RECORDS FOR THIS EXERCISE:
* * * * * * * * *

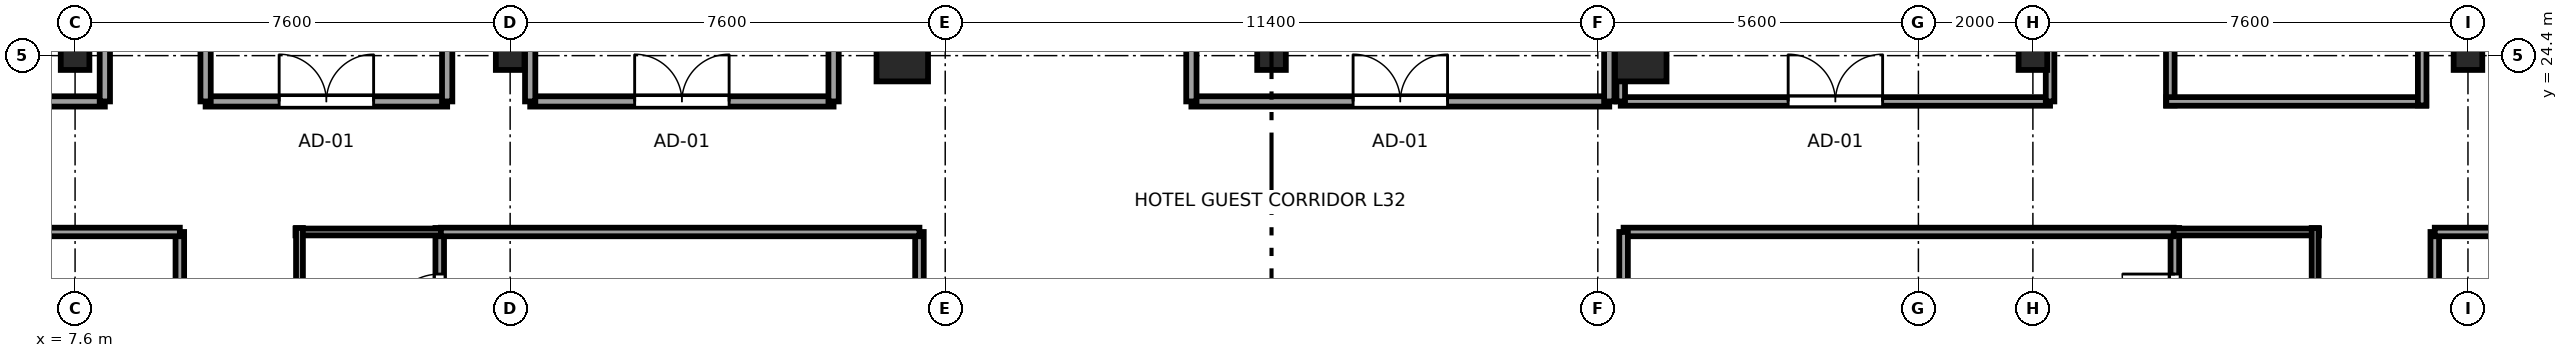
"""IFC4 building model, lengths in metres.
Left out: names, types, materials, properties, quantities, classifications, styles, units other than length and angle.
Written with IfcOpenShell. Run it as: python <this file> out.ifc"""

import sys

from ifc_helpers import new_model, si_unit, direction, frame, frame_2d, origin, origin_2d, place, context, subcontext, project, spatial, rectangle, i_section, extrude, source, transform, mapped, element, fill, save


model = new_model("IFC4")
c1 = context("Model", 3, precision=1e-05, world=origin(), true_north=direction((0.0, 1.0)))
c2 = subcontext(c1, "Body", "Model", "MODEL_VIEW")
j1 = project(units=[si_unit("LENGTHUNIT", "METRE"), si_unit("PLANEANGLEUNIT", "RADIAN")], contexts=[c1])
p1 = place(None, origin())
s1 = spatial("IfcSite", under=j1, at=p1, CompositionType="ELEMENT")
p2 = place(p1, origin())
s2 = spatial("IfcBuilding", under=s1, at=p2, CompositionType="ELEMENT")
p3 = place(p2, frame((0.0, 0.0, 125.75)))
s3 = spatial("IfcBuildingStorey", under=s2, at=p3, CompositionType="ELEMENT", Elevation=125.75)
m1 = source(origin(), c2, "Body", "SweptSolid", [
    extrude(i_section(OverallWidth=0.5, OverallDepth=0.5, WebThickness=0.022, FlangeThickness=0.034, at=origin_2d()), origin(), (0.0, 0.0, 1.0), 3.55),
])
for number, where, z_axis, x_axis in (
    (1, (7.6, 24.4, 0.0), (0.0, 0.0, 1.0), (1.0, 0.0, 0.0)),
    (2, (15.2, 24.4, 0.0), (0.0, 0.0, 1.0), (1.0, 0.0, 0.0)),
):
    element("IfcColumn", number, at=place(p3, frame(where, z_axis=z_axis, x_axis=x_axis)), inside=s3, PredefinedType="COLUMN", context=c2, shape_type="MappedRepresentation", body=[
        mapped(m1, transform((0.0, 0.0, 0.0), x_axis=(1.0, 0.0, 0.0), y_axis=(0.0, 1.0, 0.0), z_axis=(0.0, 0.0, 1.0), scale=1.0)),
    ])
m2 = source(origin(), c2, "Body", "SweptSolid", [
    extrude(rectangle(XDim=0.9, YDim=0.9, at=origin_2d()), origin(), (0.0, 0.0, 1.0), 3.55),
])
for number, where, z_axis, x_axis in (
    (3, (22.05, 24.4, 0.0), (0.0, 0.0, 1.0), (1.0, 0.0, 0.0)),
    (4, (34.95, 24.4, 0.0), (0.0, 0.0, 1.0), (1.0, 0.0, 0.0)),
):
    element("IfcColumn", number, at=place(p3, frame(where, z_axis=z_axis, x_axis=x_axis)), inside=s3, PredefinedType="COLUMN", context=c2, shape_type="MappedRepresentation", body=[
        mapped(m2, transform((0.0, 0.0, 0.0), x_axis=(1.0, 0.0, 0.0), y_axis=(0.0, 1.0, 0.0), z_axis=(0.0, 0.0, 1.0), scale=1.0)),
    ])
for number, where, z_axis, x_axis in (
    (5, (41.8, 24.4, 0.0), (0.0, 0.0, 1.0), (1.0, 0.0, 0.0)),
    (6, (49.4, 24.4, 0.0), (0.0, 0.0, 1.0), (1.0, 0.0, 0.0)),
    (7, (28.5, 24.4, 0.0), (0.0, 0.0, 1.0), (1.0, 0.0, 0.0)),
):
    element("IfcColumn", number, at=place(p3, frame(where, z_axis=z_axis, x_axis=x_axis)), inside=s3, PredefinedType="COLUMN", context=c2, shape_type="MappedRepresentation", body=[
        mapped(m1, transform((0.0, 0.0, 0.0), x_axis=(1.0, 0.0, 0.0), y_axis=(0.0, 1.0, 0.0), z_axis=(0.0, 0.0, 1.0), scale=1.0)),
    ])
p4 = place(p3, frame((13.97, 19.0, 0.0), z_axis=(0.0, 0.0, 1.0), x_axis=(0.0, 1.0, 0.0)))
e8 = element("IfcWall", 8, at=p4, inside=s3, PredefinedType="PARTITIONING", context=c2, shape_type="SweptSolid", body=[
    extrude(rectangle(XDim=2.39, YDim=0.15, at=frame_2d((1.195, 0.0))), origin(), (0.0, 0.0, 1.0), 3.37),
])
p5 = place(p4, frame((0.665, 0.0, 0.0)))
e9 = element("IfcOpeningElement", 9, at=p5, cuts=e8, PredefinedType="OPENING", context=c2, shape_type="SweptSolid", body=[
    extrude(rectangle(XDim=0.92, YDim=2.01, at=frame_2d((0.46, 1.005))), frame((0.0, 0.085, 0.0), z_axis=(0.0, -1.0, 0.0), x_axis=(1.0, 0.0, 0.0)), (0.0, 0.0, 1.0), 0.17),
])
p6 = place(p3, frame((11.45, 21.32, 0.0), z_axis=(0.0, 0.0, 1.0), x_axis=(1.0, 0.0, 0.0)))
e10 = element("IfcWall", 10, at=p6, inside=s3, PredefinedType="PLUMBINGWALL", context=c2, shape_type="SweptSolid", body=[
    extrude(rectangle(XDim=2.59, YDim=0.12, at=frame_2d((1.295, 0.0))), origin(), (0.0, 0.0, 1.0), 3.37),
])
p7 = place(p3, frame((11.52, 19.0, 0.0), z_axis=(0.0, 0.0, 1.0), x_axis=(0.0, 1.0, 0.0)))
e11 = element("IfcWall", 11, at=p7, inside=s3, PredefinedType="PLUMBINGWALL", context=c2, shape_type="SweptSolid", body=[
    extrude(rectangle(XDim=2.39, YDim=0.12, at=frame_2d((1.195, 0.0))), origin(), (0.0, 0.0, 1.0), 2.954),
])
p8 = place(p3, frame((44.28, 19.0, 0.0), z_axis=(0.0, 0.0, 1.0), x_axis=(0.0, 1.0, 0.0)))
e12 = element("IfcWall", 12, at=p8, inside=s3, PredefinedType="PARTITIONING", context=c2, shape_type="SweptSolid", body=[
    extrude(rectangle(XDim=2.39, YDim=0.15, at=frame_2d((1.195, 0.0))), origin(), (0.0, 0.0, 1.0), 3.37),
])
p9 = place(p8, frame((0.665, 0.0, 0.0)))
e13 = element("IfcOpeningElement", 13, at=p9, cuts=e12, PredefinedType="OPENING", context=c2, shape_type="SweptSolid", body=[
    extrude(rectangle(XDim=0.92, YDim=2.01, at=frame_2d((0.46, 1.005))), frame((0.0, 0.085, 0.0), z_axis=(0.0, -1.0, 0.0), x_axis=(1.0, 0.0, 0.0)), (0.0, 0.0, 1.0), 0.17),
])
p10 = place(p3, frame((44.21, 21.32, 0.0), z_axis=(0.0, 0.0, 1.0), x_axis=(1.0, 0.0, 0.0)))
e14 = element("IfcWall", 14, at=p10, inside=s3, PredefinedType="PLUMBINGWALL", context=c2, shape_type="SweptSolid", body=[
    extrude(rectangle(XDim=2.59, YDim=0.12, at=frame_2d((1.295, 0.0))), origin(), (0.0, 0.0, 1.0), 3.37),
])
p11 = place(p3, frame((46.73, 19.0, 0.0), z_axis=(0.0, 0.0, 1.0), x_axis=(0.0, 1.0, 0.0)))
e15 = element("IfcWall", 15, at=p11, inside=s3, PredefinedType="PLUMBINGWALL", context=c2, shape_type="SweptSolid", body=[
    extrude(rectangle(XDim=2.39, YDim=0.12, at=frame_2d((1.195, 0.0))), origin(), (0.0, 0.0, 1.0), 3.37),
])
p12 = place(p3, frame((9.43, 13.21, 0.0), z_axis=(0.0, 0.0, 1.0), x_axis=(0.0, 1.0, 0.0)))
e16 = element("IfcWall", 16, at=p12, inside=s3, PredefinedType="PARTITIONING", context=c2, shape_type="SweptSolid", body=[
    extrude(rectangle(XDim=8.11, YDim=0.15, at=frame_2d((4.055, 0.0))), origin(), (0.0, 0.0, 1.0), 3.37),
])
p13 = place(p12, frame((3.545, 0.0, 0.0)))
e17 = element("IfcOpeningElement", 17, at=p13, cuts=e16, PredefinedType="OPENING", context=c2, shape_type="SweptSolid", body=[
    extrude(rectangle(XDim=0.98, YDim=2.12, at=frame_2d((0.49, 1.06))), frame((0.0, 0.085, 0.0), z_axis=(0.0, -1.0, 0.0), x_axis=(1.0, 0.0, 0.0)), (0.0, 0.0, 1.0), 0.17),
])
p14 = place(p3, frame((0.405, 21.32, 0.0), z_axis=(0.0, 0.0, 1.0), x_axis=(1.0, 0.0, 0.0)))
e18 = element("IfcWall", 18, at=p14, inside=s3, PredefinedType="PARTITIONING", context=c2, shape_type="SweptSolid", body=[
    extrude(rectangle(XDim=9.025, YDim=0.15, at=frame_2d((4.512, 0.0))), origin(), (0.0, 0.0, 1.0), 3.37),
])
p15 = place(p3, frame((22.35, 8.28, 0.0), z_axis=(0.0, 0.0, 1.0), x_axis=(0.0, 1.0, 0.0)))
e19 = element("IfcWall", 19, at=p15, inside=s3, PredefinedType="PARTITIONING", context=c2, shape_type="SweptSolid", body=[
    extrude(rectangle(XDim=13.04, YDim=0.15, at=frame_2d((6.52, 0.0))), origin(), (0.0, 0.0, 1.0), 3.37),
])
p16 = place(p3, frame((13.99, 21.32, 0.0), z_axis=(0.0, 0.0, 1.0), x_axis=(1.0, 0.0, 0.0)))
e20 = element("IfcWall", 20, at=p16, inside=s3, PredefinedType="PARTITIONING", context=c2, shape_type="SweptSolid", body=[
    extrude(rectangle(XDim=8.36, YDim=0.15, at=frame_2d((4.18, 0.0))), origin(), (0.0, 0.0, 1.0), 3.37),
])
p17 = place(p3, frame((34.65, 21.32, 0.0), z_axis=(0.0, 0.0, 1.0), x_axis=(1.0, 0.0, 0.0)))
e21 = element("IfcWall", 21, at=p17, inside=s3, PredefinedType="PARTITIONING", context=c2, shape_type="SweptSolid", body=[
    extrude(rectangle(XDim=9.61, YDim=0.15, at=frame_2d((4.805, 0.0))), origin(), (0.0, 0.0, 1.0), 3.37),
])
p18 = place(p3, frame((34.65, 8.23, 0.0), z_axis=(0.0, 0.0, 1.0), x_axis=(0.0, 1.0, 0.0)))
e22 = element("IfcWall", 22, at=p18, inside=s3, PredefinedType="PARTITIONING", context=c2, shape_type="SweptSolid", body=[
    extrude(rectangle(XDim=13.09, YDim=0.15, at=frame_2d((6.545, 0.0))), origin(), (0.0, 0.0, 1.0), 3.37),
])
p19 = place(p3, frame((48.82, 13.21, 0.0), z_axis=(0.0, 0.0, 1.0), x_axis=(0.0, 1.0, 0.0)))
e23 = element("IfcWall", 23, at=p19, inside=s3, PredefinedType="PARTITIONING", context=c2, shape_type="SweptSolid", body=[
    extrude(rectangle(XDim=8.11, YDim=0.15, at=frame_2d((4.055, 0.0))), origin(), (0.0, 0.0, 1.0), 3.37),
])
p20 = place(p19, frame((4.145, 0.0, 0.0)))
e24 = element("IfcOpeningElement", 24, at=p20, cuts=e23, PredefinedType="OPENING", context=c2, shape_type="SweptSolid", body=[
    extrude(rectangle(XDim=0.98, YDim=2.12, at=frame_2d((0.49, 1.06))), frame((0.0, 0.085, 0.0), z_axis=(0.0, -1.0, 0.0), x_axis=(1.0, 0.0, 0.0)), (0.0, 0.0, 1.0), 0.17),
])
p21 = place(p3, frame((48.82, 21.32, 0.0), z_axis=(0.0, 0.0, 1.0), x_axis=(1.0, 0.0, 0.0)))
e25 = element("IfcWall", 25, at=p21, inside=s3, PredefinedType="PARTITIONING", context=c2, shape_type="SweptSolid", body=[
    extrude(rectangle(XDim=7.88, YDim=0.15, at=frame_2d((3.94, 0.0))), origin(), (0.0, 0.0, 1.0), 3.37),
])
p22 = place(p3, frame((0.405, 23.6, 0.0), z_axis=(0.0, 0.0, 1.0), x_axis=(1.0, 0.0, 0.0)))
e26 = element("IfcWall", 26, at=p22, inside=s3, PredefinedType="PARTITIONING", context=c2, shape_type="SweptSolid", body=[
    extrude(rectangle(XDim=7.715, YDim=0.18, at=frame_2d((3.857, 0.0))), origin(), (0.0, 0.0, 1.0), 3.37),
])
p23 = place(p3, frame((8.12, 23.6, 0.0), z_axis=(0.0, 0.0, 1.0), x_axis=(0.0, 1.0, 0.0)))
e27 = element("IfcWall", 27, at=p23, inside=s3, PredefinedType="PARTITIONING", context=c2, shape_type="SweptSolid", body=[
    extrude(rectangle(XDim=7.6, YDim=0.18, at=frame_2d((3.8, 0.0))), origin(), (0.0, 0.0, 1.0), 3.37),
])
p24 = place(p23, frame((2.975, 0.0, 0.0)))
e28 = element("IfcOpeningElement", 28, at=p24, cuts=e27, PredefinedType="OPENING", context=c2, shape_type="SweptSolid", body=[
    extrude(rectangle(XDim=1.65, YDim=2.15, at=frame_2d((0.825, 1.075))), frame((0.0, 0.1, 0.0), z_axis=(0.0, -1.0, 0.0), x_axis=(1.0, 0.0, 0.0)), (0.0, 0.0, 1.0), 0.2),
])
p25 = place(p3, frame((44.2, 23.53, 0.0), z_axis=(0.0, 0.0, 1.0), x_axis=(0.0, 1.0, 0.0)))
e29 = element("IfcWall", 29, at=p25, inside=s3, PredefinedType="PARTITIONING", context=c2, shape_type="SweptSolid", body=[
    extrude(rectangle(XDim=3.74, YDim=0.15, at=frame_2d((1.87, 0.0))), origin(), (0.0, 0.0, 1.0), 3.37),
])
p26 = place(p25, frame((1.24, 0.0, 0.0)))
e30 = element("IfcOpeningElement", 30, at=p26, cuts=e29, PredefinedType="OPENING", context=c2, shape_type="SweptSolid", body=[
    extrude(rectangle(XDim=0.92, YDim=2.01, at=frame_2d((0.46, 1.005))), frame((0.0, 0.085, 0.0), z_axis=(0.0, -1.0, 0.0), x_axis=(1.0, 0.0, 0.0)), (0.0, 0.0, 1.0), 0.17),
])
p27 = place(p3, frame((44.13, 23.6, 0.0), z_axis=(0.0, 0.0, 1.0), x_axis=(1.0, 0.0, 0.0)))
e31 = element("IfcWall", 31, at=p27, inside=s3, PredefinedType="PARTITIONING", context=c2, shape_type="SweptSolid", body=[
    extrude(rectangle(XDim=4.54, YDim=0.15, at=frame_2d((2.27, 0.0))), origin(), (0.0, 0.0, 1.0), 3.37),
])
p28 = place(p3, frame((48.6, 23.53, 0.0), z_axis=(0.0, 0.0, 1.0), x_axis=(0.0, 1.0, 0.0)))
e32 = element("IfcWall", 32, at=p28, inside=s3, PredefinedType="PARTITIONING", context=c2, shape_type="SweptSolid", body=[
    extrude(rectangle(XDim=3.74, YDim=0.15, at=frame_2d((1.87, 0.0))), origin(), (0.0, 0.0, 1.0), 3.37),
])
p29 = place(p3, frame((9.88, 23.6, 0.0), z_axis=(0.0, 0.0, 1.0), x_axis=(1.0, 0.0, 0.0)))
e33 = element("IfcWall", 33, at=p29, inside=s3, PredefinedType="PARTITIONING", context=c2, shape_type="SweptSolid", body=[
    extrude(rectangle(XDim=4.22, YDim=0.18, at=frame_2d((2.11, 0.0))), origin(), (0.0, 0.0, 1.0), 3.37),
])
p30 = place(p29, frame((1.285, 0.0, 0.0)))
e34 = element("IfcOpeningElement", 34, at=p30, cuts=e33, PredefinedType="OPENING", context=c2, shape_type="SweptSolid", body=[
    extrude(rectangle(XDim=1.65, YDim=2.15, at=frame_2d((0.825, 1.075))), frame((0.0, 0.1, 0.0), z_axis=(0.0, -1.0, 0.0), x_axis=(1.0, 0.0, 0.0)), (0.0, 0.0, 1.0), 0.2),
])
for number, where, z_axis, x_axis in (
    (35, (9.88, 23.6, 0.0), (0.0, 0.0, 1.0), (0.0, 1.0, 0.0)),
    (36, (14.1, 23.6, 0.0), (0.0, 0.0, 1.0), (0.0, 1.0, 0.0)),
):
    element("IfcWall", number, at=place(p3, frame(where, z_axis=z_axis, x_axis=x_axis)), inside=s3, PredefinedType="PARTITIONING", context=c2, shape_type="SweptSolid", body=[
        extrude(rectangle(XDim=6.15, YDim=0.18, at=frame_2d((3.075, 0.0))), origin(), (0.0, 0.0, 1.0), 3.37),
    ])
p31 = place(p3, frame((27.1, 23.6, 0.0), z_axis=(0.0, 0.0, 1.0), x_axis=(1.0, 0.0, 0.0)))
e37 = element("IfcWall", 37, at=p31, inside=s3, PredefinedType="PARTITIONING", context=c2, shape_type="SweptSolid", body=[
    extrude(rectangle(XDim=7.3, YDim=0.18, at=frame_2d((3.65, 0.0))), origin(), (0.0, 0.0, 1.0), 3.37),
])
p32 = place(p31, frame((2.825, 0.0, 0.0)))
e38 = element("IfcOpeningElement", 38, at=p32, cuts=e37, PredefinedType="OPENING", context=c2, shape_type="SweptSolid", body=[
    extrude(rectangle(XDim=1.65, YDim=2.15, at=frame_2d((0.825, 1.075))), frame((0.0, 0.1, 0.0), z_axis=(0.0, -1.0, 0.0), x_axis=(1.0, 0.0, 0.0)), (0.0, 0.0, 1.0), 0.2),
])
for number, where, z_axis, x_axis in (
    (39, (27.1, 23.6, 0.0), (0.0, 0.0, 1.0), (0.0, 1.0, 0.0)),
    (40, (34.4, 23.6, 0.0), (0.0, 0.0, 1.0), (0.0, 1.0, 0.0)),
):
    element("IfcWall", number, at=place(p3, frame(where, z_axis=z_axis, x_axis=x_axis)), inside=s3, PredefinedType="PARTITIONING", context=c2, shape_type="SweptSolid", body=[
        extrude(rectangle(XDim=6.2, YDim=0.18, at=frame_2d((3.1, 0.0))), origin(), (0.0, 0.0, 1.0), 3.37),
    ])
p33 = place(p3, frame((15.55, 23.6, 0.0), z_axis=(0.0, 0.0, 1.0), x_axis=(1.0, 0.0, 0.0)))
e41 = element("IfcWall", 41, at=p33, inside=s3, PredefinedType="PARTITIONING", context=c2, shape_type="SweptSolid", body=[
    extrude(rectangle(XDim=5.3, YDim=0.18, at=frame_2d((2.65, 0.0))), origin(), (0.0, 0.0, 1.0), 3.37),
])
p34 = place(p33, frame((1.825, 0.0, 0.0)))
e42 = element("IfcOpeningElement", 42, at=p34, cuts=e41, PredefinedType="OPENING", context=c2, shape_type="SweptSolid", body=[
    extrude(rectangle(XDim=1.65, YDim=2.15, at=frame_2d((0.825, 1.075))), frame((0.0, 0.1, 0.0), z_axis=(0.0, -1.0, 0.0), x_axis=(1.0, 0.0, 0.0)), (0.0, 0.0, 1.0), 0.2),
])
for number, where, z_axis, x_axis in (
    (43, (15.55, 23.6, 0.0), (0.0, 0.0, 1.0), (0.0, 1.0, 0.0)),
    (44, (20.85, 23.6, 0.0), (0.0, 0.0, 1.0), (0.0, 1.0, 0.0)),
):
    element("IfcWall", number, at=place(p3, frame(where, z_axis=z_axis, x_axis=x_axis)), inside=s3, PredefinedType="PARTITIONING", context=c2, shape_type="SweptSolid", body=[
        extrude(rectangle(XDim=6.2, YDim=0.18, at=frame_2d((3.1, 0.0))), origin(), (0.0, 0.0, 1.0), 3.37),
    ])
p35 = place(p3, frame((34.6, 23.6, 0.0), z_axis=(0.0, 0.0, 1.0), x_axis=(1.0, 0.0, 0.0)))
e45 = element("IfcWall", 45, at=p35, inside=s3, PredefinedType="PARTITIONING", context=c2, shape_type="SweptSolid", body=[
    extrude(rectangle(XDim=7.5, YDim=0.15, at=frame_2d((3.75, 0.0))), origin(), (0.0, 0.0, 1.0), 3.37),
])
p36 = place(p35, frame((2.925, 0.0, 0.0)))
e46 = element("IfcOpeningElement", 46, at=p36, cuts=e45, PredefinedType="OPENING", context=c2, shape_type="SweptSolid", body=[
    extrude(rectangle(XDim=1.65, YDim=2.15, at=frame_2d((0.825, 1.075))), frame((0.0, 0.085, 0.0), z_axis=(0.0, -1.0, 0.0), x_axis=(1.0, 0.0, 0.0)), (0.0, 0.0, 1.0), 0.17),
])
p37 = place(p3, frame((34.6, 23.6, 0.0), z_axis=(0.0, 0.0, 1.0), x_axis=(0.0, 1.0, 0.0)))
e47 = element("IfcWall", 47, at=p37, inside=s3, PredefinedType="PARTITIONING", context=c2, shape_type="SweptSolid", body=[
    extrude(rectangle(XDim=5.8, YDim=0.15, at=frame_2d((2.9, 0.0))), origin(), (0.0, 0.0, 1.0), 3.37),
])
p38 = place(p3, frame((42.1, 23.6, 0.0), z_axis=(0.0, 0.0, 1.0), x_axis=(0.0, 1.0, 0.0)))
e48 = element("IfcWall", 48, at=p38, inside=s3, PredefinedType="PARTITIONING", context=c2, shape_type="SweptSolid", body=[
    extrude(rectangle(XDim=5.8, YDim=0.15, at=frame_2d((2.9, 0.0))), origin(), (0.0, 0.0, 1.0), 2.16),
])
m3 = source(origin(), c2, "Body", "SweptSolid", [
    extrude(rectangle(XDim=0.92, YDim=2.01, at=frame_2d((0.46, 1.005))), frame((0.0, 0.025, 0.0), z_axis=(0.0, -1.0, 0.0), x_axis=(1.0, 0.0, 0.0)), (0.0, 0.0, 1.0), 0.05),
])
p39 = place(p5, origin())
e49 = element("IfcDoor", 49, at=p39, inside=s3, OperationType="SINGLE_SWING_LEFT", PredefinedType="DOOR", context=c2, shape_type="MappedRepresentation", body=[
    mapped(m3, transform((0.0, 0.0, 0.0), x_axis=(1.0, 0.0, 0.0), y_axis=(0.0, 1.0, 0.0), z_axis=(0.0, 0.0, 1.0), scale=1.0)),
])
fill(e9, e49)
p40 = place(p9, origin())
e50 = element("IfcDoor", 50, at=p40, inside=s3, OperationType="SINGLE_SWING_RIGHT", PredefinedType="DOOR", context=c2, shape_type="MappedRepresentation", body=[
    mapped(m3, transform((0.0, 0.0, 0.0), x_axis=(1.0, 0.0, 0.0), y_axis=(0.0, 1.0, 0.0), z_axis=(0.0, 0.0, 1.0), scale=1.0)),
])
fill(e13, e50)
m4 = source(origin(), c2, "Body", "SweptSolid", [
    extrude(rectangle(XDim=1.65, YDim=2.15, at=frame_2d((0.825, 1.075))), frame((0.0, 0.025, 0.0), z_axis=(0.0, -1.0, 0.0), x_axis=(1.0, 0.0, 0.0)), (0.0, 0.0, 1.0), 0.05),
])
p41 = place(p30, origin())
e51 = element("IfcDoor", 51, at=p41, inside=s3, OperationType="DOUBLE_DOOR_SINGLE_SWING", PredefinedType="DOOR", context=c2, shape_type="MappedRepresentation", body=[
    mapped(m4, transform((0.0, 0.0, 0.0), x_axis=(1.0, 0.0, 0.0), y_axis=(0.0, 1.0, 0.0), z_axis=(0.0, 0.0, 1.0), scale=1.0)),
])
fill(e34, e51)
p42 = place(p32, origin())
e52 = element("IfcDoor", 52, at=p42, inside=s3, OperationType="DOUBLE_DOOR_SINGLE_SWING", PredefinedType="DOOR", context=c2, shape_type="MappedRepresentation", body=[
    mapped(m4, transform((0.0, 0.0, 0.0), x_axis=(1.0, 0.0, 0.0), y_axis=(0.0, 1.0, 0.0), z_axis=(0.0, 0.0, 1.0), scale=1.0)),
])
fill(e38, e52)
p43 = place(p34, origin())
e53 = element("IfcDoor", 53, at=p43, inside=s3, OperationType="DOUBLE_DOOR_SINGLE_SWING", PredefinedType="DOOR", context=c2, shape_type="MappedRepresentation", body=[
    mapped(m4, transform((0.0, 0.0, 0.0), x_axis=(1.0, 0.0, 0.0), y_axis=(0.0, 1.0, 0.0), z_axis=(0.0, 0.0, 1.0), scale=1.0)),
])
fill(e42, e53)
p44 = place(p36, origin())
e54 = element("IfcDoor", 54, at=p44, inside=s3, OperationType="DOUBLE_DOOR_SINGLE_SWING", PredefinedType="DOOR", context=c2, shape_type="MappedRepresentation", body=[
    mapped(m4, transform((0.0, 0.0, 0.0), x_axis=(1.0, 0.0, 0.0), y_axis=(0.0, 1.0, 0.0), z_axis=(0.0, 0.0, 1.0), scale=1.0)),
])
fill(e46, e54)
save(model, sys.argv[1])

* * * * * * * * *

TASK TO CARRY OUT: The string "import" appears on some lines of the data; count those lines and report only how many there are.

REPLY TO THE EXERCISE: 2